### TASK DESCRIPTION
Lines with the word "inches" are the ones wanted. Copy each of them from the entries below.

- Opening Delimiter -

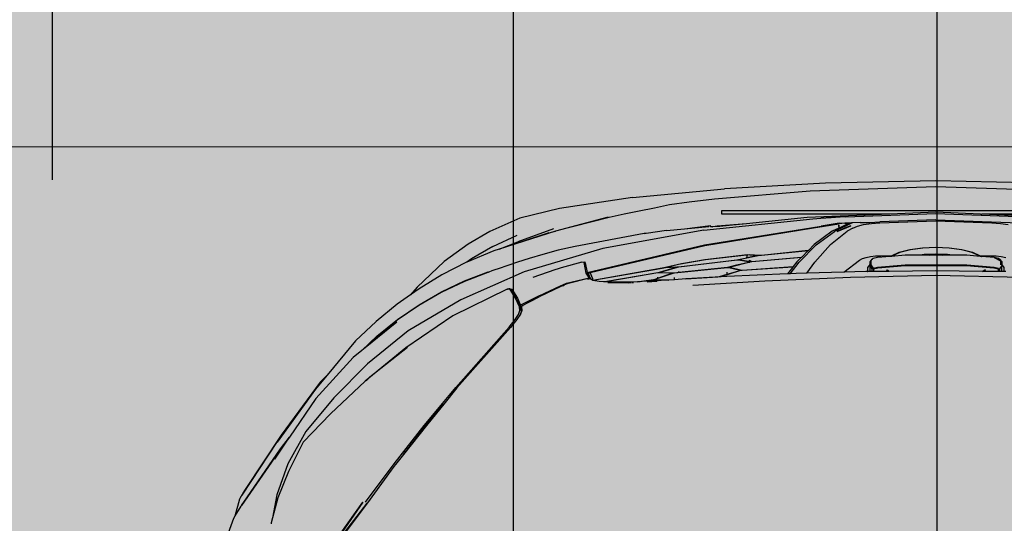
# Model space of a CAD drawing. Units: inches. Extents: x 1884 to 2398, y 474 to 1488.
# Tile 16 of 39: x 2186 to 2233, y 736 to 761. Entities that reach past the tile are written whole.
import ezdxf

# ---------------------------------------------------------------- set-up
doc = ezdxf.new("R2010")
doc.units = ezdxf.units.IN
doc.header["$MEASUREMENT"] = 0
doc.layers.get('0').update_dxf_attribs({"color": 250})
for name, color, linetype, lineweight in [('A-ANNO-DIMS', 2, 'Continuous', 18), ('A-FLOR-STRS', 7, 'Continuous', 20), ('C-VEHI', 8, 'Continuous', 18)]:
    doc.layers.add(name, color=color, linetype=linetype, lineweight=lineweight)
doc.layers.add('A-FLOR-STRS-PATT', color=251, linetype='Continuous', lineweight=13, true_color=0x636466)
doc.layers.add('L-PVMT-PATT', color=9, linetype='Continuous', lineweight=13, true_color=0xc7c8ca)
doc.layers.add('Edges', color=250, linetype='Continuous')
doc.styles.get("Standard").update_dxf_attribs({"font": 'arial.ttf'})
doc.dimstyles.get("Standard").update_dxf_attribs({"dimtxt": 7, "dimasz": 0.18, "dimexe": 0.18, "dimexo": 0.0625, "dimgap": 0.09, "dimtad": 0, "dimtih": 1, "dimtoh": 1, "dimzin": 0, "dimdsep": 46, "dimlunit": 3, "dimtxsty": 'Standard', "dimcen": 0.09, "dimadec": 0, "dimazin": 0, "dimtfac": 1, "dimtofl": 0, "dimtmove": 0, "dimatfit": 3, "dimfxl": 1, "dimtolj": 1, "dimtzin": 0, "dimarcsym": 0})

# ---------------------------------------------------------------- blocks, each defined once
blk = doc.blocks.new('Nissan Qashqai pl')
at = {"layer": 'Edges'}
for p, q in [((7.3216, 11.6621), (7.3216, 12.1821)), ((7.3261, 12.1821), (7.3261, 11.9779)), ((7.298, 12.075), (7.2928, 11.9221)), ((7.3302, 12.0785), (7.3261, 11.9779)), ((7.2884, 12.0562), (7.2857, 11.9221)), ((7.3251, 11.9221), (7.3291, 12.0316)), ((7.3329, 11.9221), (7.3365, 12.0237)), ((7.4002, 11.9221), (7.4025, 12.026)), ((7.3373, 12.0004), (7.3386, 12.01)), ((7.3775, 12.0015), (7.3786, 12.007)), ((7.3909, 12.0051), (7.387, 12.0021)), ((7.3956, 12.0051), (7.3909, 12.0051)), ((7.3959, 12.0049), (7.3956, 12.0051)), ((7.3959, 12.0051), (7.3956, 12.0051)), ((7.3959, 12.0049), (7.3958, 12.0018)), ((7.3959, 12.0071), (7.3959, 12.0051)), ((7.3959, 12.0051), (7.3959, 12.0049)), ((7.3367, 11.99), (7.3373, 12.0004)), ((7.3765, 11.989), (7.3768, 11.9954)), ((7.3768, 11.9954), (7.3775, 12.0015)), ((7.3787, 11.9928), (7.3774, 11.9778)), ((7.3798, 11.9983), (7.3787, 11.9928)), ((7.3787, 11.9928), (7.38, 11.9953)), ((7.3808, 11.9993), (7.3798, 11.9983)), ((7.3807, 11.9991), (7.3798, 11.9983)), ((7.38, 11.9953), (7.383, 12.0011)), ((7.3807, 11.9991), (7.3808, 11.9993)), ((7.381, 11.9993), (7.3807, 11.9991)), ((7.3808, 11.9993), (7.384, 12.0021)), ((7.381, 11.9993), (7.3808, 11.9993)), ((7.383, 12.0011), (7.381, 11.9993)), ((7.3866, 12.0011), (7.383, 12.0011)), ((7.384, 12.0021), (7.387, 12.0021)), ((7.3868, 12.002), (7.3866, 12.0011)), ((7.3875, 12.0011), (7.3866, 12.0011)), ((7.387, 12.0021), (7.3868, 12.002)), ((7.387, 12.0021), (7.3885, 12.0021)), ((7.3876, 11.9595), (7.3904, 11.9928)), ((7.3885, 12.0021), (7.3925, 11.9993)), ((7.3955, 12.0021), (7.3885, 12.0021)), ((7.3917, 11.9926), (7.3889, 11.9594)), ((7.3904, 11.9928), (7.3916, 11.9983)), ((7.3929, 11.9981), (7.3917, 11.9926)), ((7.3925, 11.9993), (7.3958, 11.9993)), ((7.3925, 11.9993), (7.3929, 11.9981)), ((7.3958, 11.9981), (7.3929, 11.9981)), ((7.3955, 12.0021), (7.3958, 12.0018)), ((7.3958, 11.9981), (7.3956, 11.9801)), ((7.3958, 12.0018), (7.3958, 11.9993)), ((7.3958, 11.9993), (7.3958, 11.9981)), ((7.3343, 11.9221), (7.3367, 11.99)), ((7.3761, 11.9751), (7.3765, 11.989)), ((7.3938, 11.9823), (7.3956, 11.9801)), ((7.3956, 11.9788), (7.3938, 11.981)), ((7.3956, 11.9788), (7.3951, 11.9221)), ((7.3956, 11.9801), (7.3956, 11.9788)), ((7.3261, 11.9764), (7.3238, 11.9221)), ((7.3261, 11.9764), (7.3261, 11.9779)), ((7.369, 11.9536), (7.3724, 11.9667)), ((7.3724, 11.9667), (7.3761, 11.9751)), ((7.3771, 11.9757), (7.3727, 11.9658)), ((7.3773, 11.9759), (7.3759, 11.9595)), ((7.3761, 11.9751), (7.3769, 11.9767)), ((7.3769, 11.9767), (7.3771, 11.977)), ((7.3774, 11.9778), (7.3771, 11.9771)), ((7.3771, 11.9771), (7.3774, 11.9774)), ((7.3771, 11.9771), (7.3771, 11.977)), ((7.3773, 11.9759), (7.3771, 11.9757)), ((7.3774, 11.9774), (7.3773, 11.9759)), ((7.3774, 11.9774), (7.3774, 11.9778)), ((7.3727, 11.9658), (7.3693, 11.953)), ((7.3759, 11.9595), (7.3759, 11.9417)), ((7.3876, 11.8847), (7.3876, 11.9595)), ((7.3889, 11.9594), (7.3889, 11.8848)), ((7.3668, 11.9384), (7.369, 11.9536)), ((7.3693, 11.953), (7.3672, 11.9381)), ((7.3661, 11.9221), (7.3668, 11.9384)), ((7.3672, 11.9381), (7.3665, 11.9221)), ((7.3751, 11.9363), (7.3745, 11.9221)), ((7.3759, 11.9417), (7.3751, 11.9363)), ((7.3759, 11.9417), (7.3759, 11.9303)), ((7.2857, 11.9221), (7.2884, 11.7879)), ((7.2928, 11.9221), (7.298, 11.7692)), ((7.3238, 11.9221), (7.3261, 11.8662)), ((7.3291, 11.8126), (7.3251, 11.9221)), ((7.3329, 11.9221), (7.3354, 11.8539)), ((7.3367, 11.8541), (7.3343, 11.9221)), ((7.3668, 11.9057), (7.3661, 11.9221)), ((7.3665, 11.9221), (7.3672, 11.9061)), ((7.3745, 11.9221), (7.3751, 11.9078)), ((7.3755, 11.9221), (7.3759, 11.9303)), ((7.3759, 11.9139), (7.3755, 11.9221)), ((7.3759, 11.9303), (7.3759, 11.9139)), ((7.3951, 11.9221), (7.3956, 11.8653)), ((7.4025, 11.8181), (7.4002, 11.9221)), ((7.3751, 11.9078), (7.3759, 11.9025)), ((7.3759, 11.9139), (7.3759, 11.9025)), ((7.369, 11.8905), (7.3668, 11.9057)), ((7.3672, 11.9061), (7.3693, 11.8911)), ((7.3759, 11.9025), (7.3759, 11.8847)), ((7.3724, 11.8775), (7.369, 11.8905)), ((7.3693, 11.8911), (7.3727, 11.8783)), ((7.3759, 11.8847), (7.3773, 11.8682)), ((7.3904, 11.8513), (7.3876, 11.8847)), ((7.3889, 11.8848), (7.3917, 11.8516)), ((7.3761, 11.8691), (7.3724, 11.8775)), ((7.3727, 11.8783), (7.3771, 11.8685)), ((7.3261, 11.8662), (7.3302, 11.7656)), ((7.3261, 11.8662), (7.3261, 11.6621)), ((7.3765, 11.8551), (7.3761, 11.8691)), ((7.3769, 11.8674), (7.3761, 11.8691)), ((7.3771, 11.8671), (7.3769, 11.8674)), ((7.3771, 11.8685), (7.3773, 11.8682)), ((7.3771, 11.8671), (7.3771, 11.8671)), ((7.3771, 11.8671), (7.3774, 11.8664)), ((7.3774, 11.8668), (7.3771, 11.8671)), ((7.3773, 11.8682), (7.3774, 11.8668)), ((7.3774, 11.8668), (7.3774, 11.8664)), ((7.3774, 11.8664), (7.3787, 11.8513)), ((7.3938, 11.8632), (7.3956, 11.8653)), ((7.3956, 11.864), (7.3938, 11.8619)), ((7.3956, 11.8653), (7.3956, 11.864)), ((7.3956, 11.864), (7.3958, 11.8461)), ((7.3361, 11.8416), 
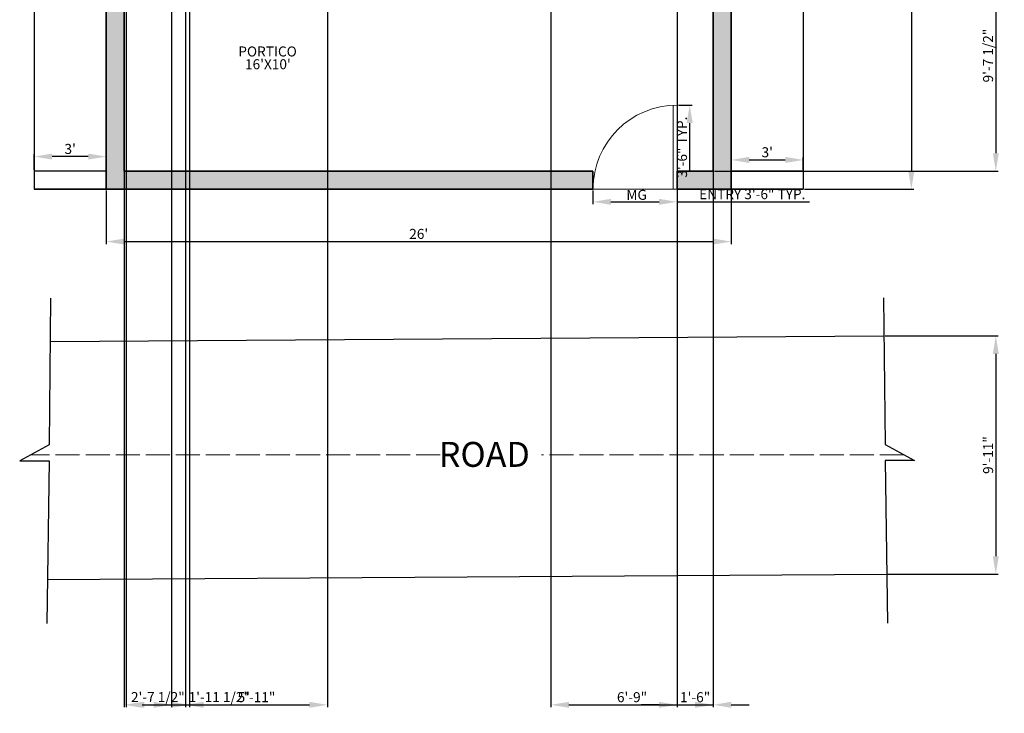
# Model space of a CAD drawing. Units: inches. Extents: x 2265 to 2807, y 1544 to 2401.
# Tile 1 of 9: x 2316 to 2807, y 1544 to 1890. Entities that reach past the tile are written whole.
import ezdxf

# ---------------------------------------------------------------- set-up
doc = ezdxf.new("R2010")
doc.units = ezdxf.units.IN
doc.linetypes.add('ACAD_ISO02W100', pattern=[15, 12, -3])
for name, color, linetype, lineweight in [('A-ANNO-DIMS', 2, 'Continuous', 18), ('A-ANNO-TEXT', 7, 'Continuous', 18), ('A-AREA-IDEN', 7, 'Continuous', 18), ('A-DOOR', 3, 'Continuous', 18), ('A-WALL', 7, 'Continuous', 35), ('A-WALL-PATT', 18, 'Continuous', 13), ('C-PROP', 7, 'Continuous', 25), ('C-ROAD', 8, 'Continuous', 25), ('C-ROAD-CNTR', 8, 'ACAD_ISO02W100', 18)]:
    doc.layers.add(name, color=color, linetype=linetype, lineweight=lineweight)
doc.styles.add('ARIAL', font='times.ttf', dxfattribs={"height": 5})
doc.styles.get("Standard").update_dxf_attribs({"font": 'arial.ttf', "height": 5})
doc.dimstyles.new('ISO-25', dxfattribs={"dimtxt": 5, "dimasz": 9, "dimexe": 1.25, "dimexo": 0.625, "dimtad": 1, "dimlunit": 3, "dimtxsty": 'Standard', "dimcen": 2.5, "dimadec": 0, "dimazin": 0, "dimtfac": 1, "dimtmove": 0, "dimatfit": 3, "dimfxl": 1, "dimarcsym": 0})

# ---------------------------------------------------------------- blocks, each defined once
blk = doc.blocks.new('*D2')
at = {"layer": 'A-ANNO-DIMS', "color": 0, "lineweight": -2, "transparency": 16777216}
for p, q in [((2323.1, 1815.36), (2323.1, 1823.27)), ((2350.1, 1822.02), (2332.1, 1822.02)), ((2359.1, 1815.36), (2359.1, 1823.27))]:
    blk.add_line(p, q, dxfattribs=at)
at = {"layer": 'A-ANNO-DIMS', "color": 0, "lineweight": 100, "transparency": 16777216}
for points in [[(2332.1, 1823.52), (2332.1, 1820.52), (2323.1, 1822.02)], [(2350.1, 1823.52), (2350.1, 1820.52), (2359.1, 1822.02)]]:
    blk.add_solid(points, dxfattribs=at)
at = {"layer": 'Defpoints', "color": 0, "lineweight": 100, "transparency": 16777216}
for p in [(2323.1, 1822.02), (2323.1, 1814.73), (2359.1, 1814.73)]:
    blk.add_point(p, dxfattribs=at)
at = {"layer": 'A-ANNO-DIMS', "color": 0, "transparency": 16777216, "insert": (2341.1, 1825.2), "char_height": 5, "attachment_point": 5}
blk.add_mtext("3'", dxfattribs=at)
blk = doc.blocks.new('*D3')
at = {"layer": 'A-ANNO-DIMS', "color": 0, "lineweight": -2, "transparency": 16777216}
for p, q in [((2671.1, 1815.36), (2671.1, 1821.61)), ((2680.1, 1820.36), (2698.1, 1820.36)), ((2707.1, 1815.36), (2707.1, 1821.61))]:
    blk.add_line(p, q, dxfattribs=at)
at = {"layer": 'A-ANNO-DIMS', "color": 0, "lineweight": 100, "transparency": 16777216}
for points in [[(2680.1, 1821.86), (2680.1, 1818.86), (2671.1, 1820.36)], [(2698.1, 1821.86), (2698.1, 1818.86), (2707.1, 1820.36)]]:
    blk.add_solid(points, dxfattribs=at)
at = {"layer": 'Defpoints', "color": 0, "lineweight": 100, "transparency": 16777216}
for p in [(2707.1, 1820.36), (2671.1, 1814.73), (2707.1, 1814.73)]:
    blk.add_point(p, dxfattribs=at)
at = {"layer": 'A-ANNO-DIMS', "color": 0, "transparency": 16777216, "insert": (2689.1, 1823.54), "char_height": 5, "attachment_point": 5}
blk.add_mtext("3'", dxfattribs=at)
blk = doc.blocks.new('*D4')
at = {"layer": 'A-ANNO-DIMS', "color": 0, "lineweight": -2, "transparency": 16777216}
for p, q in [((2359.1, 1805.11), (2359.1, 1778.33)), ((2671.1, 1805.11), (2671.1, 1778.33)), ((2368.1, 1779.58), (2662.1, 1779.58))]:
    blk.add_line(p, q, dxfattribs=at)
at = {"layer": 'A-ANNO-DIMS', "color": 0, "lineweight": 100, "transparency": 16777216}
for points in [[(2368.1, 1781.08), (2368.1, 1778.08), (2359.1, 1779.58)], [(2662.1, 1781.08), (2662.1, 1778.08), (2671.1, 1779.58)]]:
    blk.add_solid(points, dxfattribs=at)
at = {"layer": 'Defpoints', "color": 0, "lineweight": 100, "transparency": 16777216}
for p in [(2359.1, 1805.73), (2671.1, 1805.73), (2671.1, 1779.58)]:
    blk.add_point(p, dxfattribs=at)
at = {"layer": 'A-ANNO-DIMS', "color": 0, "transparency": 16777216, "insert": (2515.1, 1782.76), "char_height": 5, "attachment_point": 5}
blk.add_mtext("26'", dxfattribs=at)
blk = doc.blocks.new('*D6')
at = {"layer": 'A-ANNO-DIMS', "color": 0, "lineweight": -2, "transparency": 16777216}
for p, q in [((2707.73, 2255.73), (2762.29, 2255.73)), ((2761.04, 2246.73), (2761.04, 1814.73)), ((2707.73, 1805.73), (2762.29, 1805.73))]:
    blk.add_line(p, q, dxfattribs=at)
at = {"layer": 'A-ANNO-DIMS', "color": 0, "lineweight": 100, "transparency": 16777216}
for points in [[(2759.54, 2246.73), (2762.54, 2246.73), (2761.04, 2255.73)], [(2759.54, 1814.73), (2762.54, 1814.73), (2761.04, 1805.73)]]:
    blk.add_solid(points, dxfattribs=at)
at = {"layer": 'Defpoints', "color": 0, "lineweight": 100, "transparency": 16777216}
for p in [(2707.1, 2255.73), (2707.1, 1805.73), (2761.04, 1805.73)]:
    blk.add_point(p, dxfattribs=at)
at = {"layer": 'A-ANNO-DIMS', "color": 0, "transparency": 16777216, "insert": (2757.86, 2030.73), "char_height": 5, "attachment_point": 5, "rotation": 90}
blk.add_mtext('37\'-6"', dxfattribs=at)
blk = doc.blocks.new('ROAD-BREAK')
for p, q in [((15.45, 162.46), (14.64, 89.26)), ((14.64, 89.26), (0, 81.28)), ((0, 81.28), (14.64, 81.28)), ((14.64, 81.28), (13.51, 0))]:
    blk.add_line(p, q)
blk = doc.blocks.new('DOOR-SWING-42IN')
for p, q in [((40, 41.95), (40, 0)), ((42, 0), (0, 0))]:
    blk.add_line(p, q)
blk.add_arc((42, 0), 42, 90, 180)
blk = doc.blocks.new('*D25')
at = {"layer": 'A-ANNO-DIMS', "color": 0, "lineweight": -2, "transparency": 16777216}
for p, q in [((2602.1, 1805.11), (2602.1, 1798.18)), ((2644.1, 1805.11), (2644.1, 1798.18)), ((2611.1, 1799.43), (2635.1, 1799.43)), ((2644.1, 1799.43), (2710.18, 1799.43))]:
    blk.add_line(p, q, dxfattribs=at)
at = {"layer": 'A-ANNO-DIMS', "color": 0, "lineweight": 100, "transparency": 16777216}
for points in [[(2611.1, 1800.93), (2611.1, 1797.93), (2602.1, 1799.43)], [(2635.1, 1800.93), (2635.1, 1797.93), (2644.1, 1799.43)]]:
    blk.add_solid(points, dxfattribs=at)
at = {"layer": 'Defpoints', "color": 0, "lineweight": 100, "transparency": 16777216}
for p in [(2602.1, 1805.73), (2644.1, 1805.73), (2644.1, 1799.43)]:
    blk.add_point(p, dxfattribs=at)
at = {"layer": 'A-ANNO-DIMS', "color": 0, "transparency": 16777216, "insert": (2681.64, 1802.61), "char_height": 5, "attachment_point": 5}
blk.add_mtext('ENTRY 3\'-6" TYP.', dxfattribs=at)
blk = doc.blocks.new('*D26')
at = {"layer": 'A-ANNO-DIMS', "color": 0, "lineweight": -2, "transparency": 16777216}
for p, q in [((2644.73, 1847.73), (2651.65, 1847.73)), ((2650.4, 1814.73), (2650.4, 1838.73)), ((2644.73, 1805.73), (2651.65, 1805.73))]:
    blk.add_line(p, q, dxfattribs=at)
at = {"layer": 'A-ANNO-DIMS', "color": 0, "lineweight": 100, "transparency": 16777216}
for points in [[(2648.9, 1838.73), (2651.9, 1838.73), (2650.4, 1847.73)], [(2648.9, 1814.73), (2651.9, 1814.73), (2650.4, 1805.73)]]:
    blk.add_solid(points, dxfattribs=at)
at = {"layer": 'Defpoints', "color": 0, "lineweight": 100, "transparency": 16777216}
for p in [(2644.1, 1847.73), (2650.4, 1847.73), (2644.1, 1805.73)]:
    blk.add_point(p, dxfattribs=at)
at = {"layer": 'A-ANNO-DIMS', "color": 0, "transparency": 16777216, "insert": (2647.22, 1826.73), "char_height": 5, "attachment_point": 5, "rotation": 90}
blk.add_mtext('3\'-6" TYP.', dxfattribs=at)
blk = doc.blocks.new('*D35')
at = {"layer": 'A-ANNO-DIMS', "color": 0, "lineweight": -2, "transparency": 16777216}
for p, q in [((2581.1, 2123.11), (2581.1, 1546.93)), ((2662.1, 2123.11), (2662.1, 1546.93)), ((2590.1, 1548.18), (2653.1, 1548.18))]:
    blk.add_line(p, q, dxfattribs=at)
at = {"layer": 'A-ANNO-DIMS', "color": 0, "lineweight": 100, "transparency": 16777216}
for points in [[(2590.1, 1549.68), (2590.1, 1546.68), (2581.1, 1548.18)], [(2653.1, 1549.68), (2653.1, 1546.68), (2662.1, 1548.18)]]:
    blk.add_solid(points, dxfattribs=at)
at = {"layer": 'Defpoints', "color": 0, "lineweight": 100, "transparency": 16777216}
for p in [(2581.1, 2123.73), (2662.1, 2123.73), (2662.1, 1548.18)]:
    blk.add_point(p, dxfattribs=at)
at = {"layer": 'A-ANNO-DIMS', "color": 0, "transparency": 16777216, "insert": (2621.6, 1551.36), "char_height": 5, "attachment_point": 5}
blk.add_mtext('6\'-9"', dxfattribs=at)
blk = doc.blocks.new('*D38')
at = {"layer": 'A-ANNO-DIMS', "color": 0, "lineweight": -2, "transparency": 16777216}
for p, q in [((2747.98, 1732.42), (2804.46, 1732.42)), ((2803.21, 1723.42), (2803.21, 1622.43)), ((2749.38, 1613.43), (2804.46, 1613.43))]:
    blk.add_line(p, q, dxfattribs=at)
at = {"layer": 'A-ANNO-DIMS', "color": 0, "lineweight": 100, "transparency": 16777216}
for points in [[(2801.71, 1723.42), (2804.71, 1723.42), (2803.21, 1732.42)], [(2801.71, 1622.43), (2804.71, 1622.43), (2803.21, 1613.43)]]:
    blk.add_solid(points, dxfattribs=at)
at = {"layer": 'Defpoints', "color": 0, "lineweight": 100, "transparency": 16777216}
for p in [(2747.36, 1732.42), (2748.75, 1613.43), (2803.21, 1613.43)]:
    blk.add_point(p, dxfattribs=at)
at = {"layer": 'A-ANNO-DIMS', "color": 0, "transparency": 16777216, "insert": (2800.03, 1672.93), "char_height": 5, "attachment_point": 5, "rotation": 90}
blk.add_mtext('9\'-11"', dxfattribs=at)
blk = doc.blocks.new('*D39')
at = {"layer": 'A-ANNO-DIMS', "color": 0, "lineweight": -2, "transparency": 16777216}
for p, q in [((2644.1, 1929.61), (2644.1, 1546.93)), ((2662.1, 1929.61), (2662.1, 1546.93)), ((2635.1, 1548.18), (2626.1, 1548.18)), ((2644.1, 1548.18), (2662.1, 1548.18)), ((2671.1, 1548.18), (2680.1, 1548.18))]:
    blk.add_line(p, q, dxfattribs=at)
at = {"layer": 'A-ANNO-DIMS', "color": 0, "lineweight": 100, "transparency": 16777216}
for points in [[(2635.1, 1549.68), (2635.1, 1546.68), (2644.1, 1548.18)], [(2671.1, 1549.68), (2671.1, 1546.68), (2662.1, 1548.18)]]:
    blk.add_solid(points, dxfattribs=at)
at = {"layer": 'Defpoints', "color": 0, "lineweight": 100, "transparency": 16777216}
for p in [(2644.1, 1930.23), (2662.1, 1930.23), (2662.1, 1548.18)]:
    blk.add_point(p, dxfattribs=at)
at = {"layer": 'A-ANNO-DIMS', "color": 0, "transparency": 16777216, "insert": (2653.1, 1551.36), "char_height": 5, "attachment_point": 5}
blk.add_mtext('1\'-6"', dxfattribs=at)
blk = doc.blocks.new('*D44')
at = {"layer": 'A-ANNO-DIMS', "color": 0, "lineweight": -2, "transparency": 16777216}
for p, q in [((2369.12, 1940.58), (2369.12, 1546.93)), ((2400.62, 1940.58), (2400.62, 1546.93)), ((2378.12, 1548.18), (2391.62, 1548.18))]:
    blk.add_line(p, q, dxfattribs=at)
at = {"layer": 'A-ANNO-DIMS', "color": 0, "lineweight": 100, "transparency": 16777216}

- Closing Delimiter -

### THE ANSWER
# Model space of a CAD drawing. Units: inches. Extents: x 1884 to 2398, y 474 to 1488.
# Model space of a CAD drawing. Units: inches. Extents: x 2265 to 2807, y 1544 to 2401.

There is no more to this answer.